» **DATA IN THIS EXERCISE**

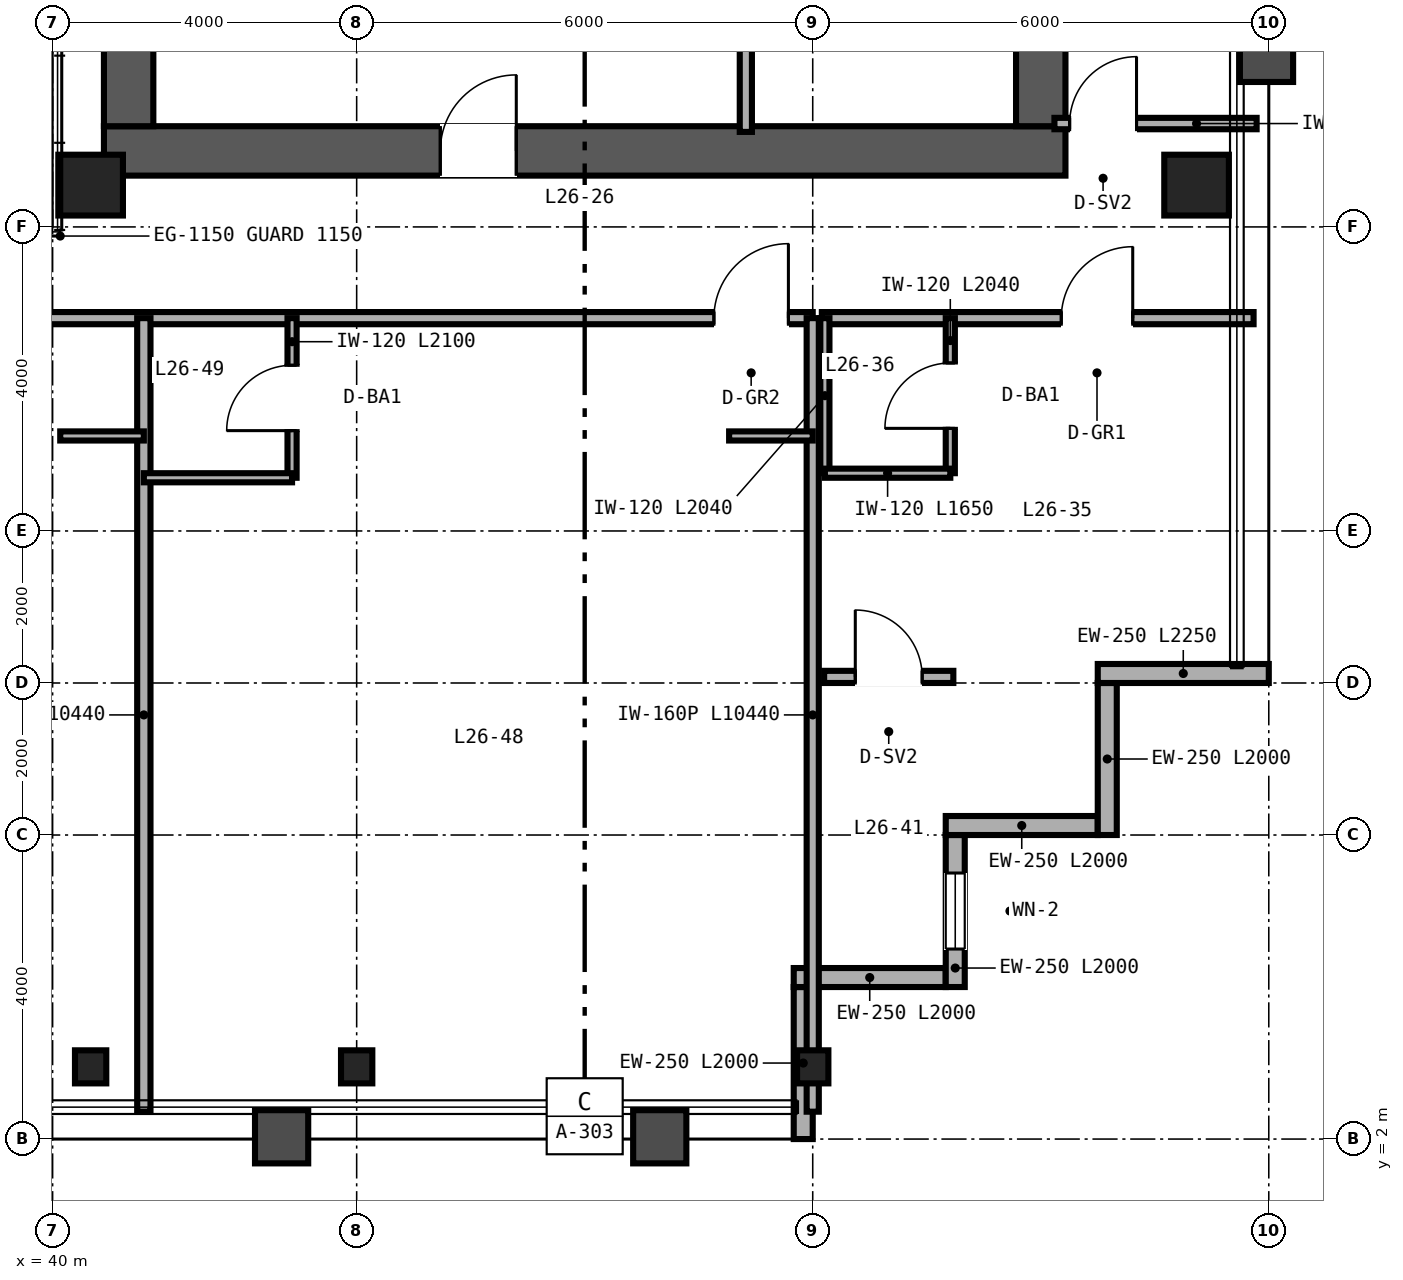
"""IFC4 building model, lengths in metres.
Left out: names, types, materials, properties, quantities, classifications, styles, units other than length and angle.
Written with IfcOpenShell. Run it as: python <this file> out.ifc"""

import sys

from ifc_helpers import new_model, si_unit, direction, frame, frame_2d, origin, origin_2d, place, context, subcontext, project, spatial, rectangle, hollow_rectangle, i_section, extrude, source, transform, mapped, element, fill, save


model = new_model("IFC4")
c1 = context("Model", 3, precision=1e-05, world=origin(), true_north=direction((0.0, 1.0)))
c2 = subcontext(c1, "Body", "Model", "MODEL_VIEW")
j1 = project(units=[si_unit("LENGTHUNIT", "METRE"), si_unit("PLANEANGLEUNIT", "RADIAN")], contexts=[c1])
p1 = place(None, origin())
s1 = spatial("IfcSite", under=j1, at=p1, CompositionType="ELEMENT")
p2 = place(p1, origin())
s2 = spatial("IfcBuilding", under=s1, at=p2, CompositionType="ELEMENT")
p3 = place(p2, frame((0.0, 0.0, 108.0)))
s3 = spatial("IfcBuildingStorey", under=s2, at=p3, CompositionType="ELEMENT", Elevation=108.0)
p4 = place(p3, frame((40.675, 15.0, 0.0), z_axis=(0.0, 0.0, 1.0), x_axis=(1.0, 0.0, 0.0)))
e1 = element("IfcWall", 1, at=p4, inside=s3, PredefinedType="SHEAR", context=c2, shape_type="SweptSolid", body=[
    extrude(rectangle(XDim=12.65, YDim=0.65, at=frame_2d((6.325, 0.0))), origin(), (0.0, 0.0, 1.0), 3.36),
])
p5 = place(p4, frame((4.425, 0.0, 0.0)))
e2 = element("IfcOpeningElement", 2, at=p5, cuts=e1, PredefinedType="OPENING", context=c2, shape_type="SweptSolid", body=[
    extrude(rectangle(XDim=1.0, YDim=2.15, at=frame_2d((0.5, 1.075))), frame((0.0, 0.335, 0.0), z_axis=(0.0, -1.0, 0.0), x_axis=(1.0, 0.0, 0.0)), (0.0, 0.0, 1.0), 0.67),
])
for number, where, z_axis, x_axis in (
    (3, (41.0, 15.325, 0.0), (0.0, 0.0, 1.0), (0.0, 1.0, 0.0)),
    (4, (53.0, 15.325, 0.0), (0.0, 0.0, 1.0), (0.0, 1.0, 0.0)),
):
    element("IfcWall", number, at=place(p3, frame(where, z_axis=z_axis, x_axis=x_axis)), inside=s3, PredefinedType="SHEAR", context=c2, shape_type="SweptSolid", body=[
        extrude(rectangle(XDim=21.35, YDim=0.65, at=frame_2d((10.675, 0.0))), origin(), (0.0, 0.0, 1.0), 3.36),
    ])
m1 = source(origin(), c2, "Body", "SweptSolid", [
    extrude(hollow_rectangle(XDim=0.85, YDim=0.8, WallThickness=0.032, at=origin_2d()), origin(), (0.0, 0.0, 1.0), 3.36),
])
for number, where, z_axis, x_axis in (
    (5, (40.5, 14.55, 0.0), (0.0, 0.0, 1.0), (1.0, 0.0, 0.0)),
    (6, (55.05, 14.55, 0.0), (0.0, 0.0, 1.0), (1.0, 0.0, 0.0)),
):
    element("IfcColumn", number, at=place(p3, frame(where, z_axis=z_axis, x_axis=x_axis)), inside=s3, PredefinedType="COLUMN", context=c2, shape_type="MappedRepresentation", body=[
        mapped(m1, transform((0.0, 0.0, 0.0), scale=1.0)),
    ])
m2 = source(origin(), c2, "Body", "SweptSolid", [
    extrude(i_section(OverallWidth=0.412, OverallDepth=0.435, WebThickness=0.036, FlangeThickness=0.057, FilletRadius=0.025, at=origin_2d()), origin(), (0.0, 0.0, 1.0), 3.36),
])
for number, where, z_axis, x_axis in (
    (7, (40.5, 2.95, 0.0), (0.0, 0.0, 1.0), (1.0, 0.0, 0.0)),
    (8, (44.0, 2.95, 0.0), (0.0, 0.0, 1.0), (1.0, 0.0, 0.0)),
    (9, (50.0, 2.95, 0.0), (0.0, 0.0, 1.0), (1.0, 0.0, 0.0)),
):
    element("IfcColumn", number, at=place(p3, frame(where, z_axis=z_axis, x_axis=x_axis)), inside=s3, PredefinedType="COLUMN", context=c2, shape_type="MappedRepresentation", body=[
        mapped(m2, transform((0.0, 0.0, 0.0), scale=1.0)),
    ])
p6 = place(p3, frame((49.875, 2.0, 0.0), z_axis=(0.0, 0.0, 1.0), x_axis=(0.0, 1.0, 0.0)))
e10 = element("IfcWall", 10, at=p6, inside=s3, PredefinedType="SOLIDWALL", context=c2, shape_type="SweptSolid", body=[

» **TASK OBJECTIVE**
Using the data above, return every line that contains the string "project".

» **RESPONSE AREA**
from ifc_helpers import new_model, si_unit, direction, frame, frame_2d, origin, origin_2d, place, context, subcontext, project, spatial, rectangle, hollow_rectangle, i_section, extrude, source, transform, mapped, element, fill, save
j1 = project(units=[si_unit("LENGTHUNIT", "METRE"), si_unit("PLANEANGLEUNIT", "RADIAN")], contexts=[c1])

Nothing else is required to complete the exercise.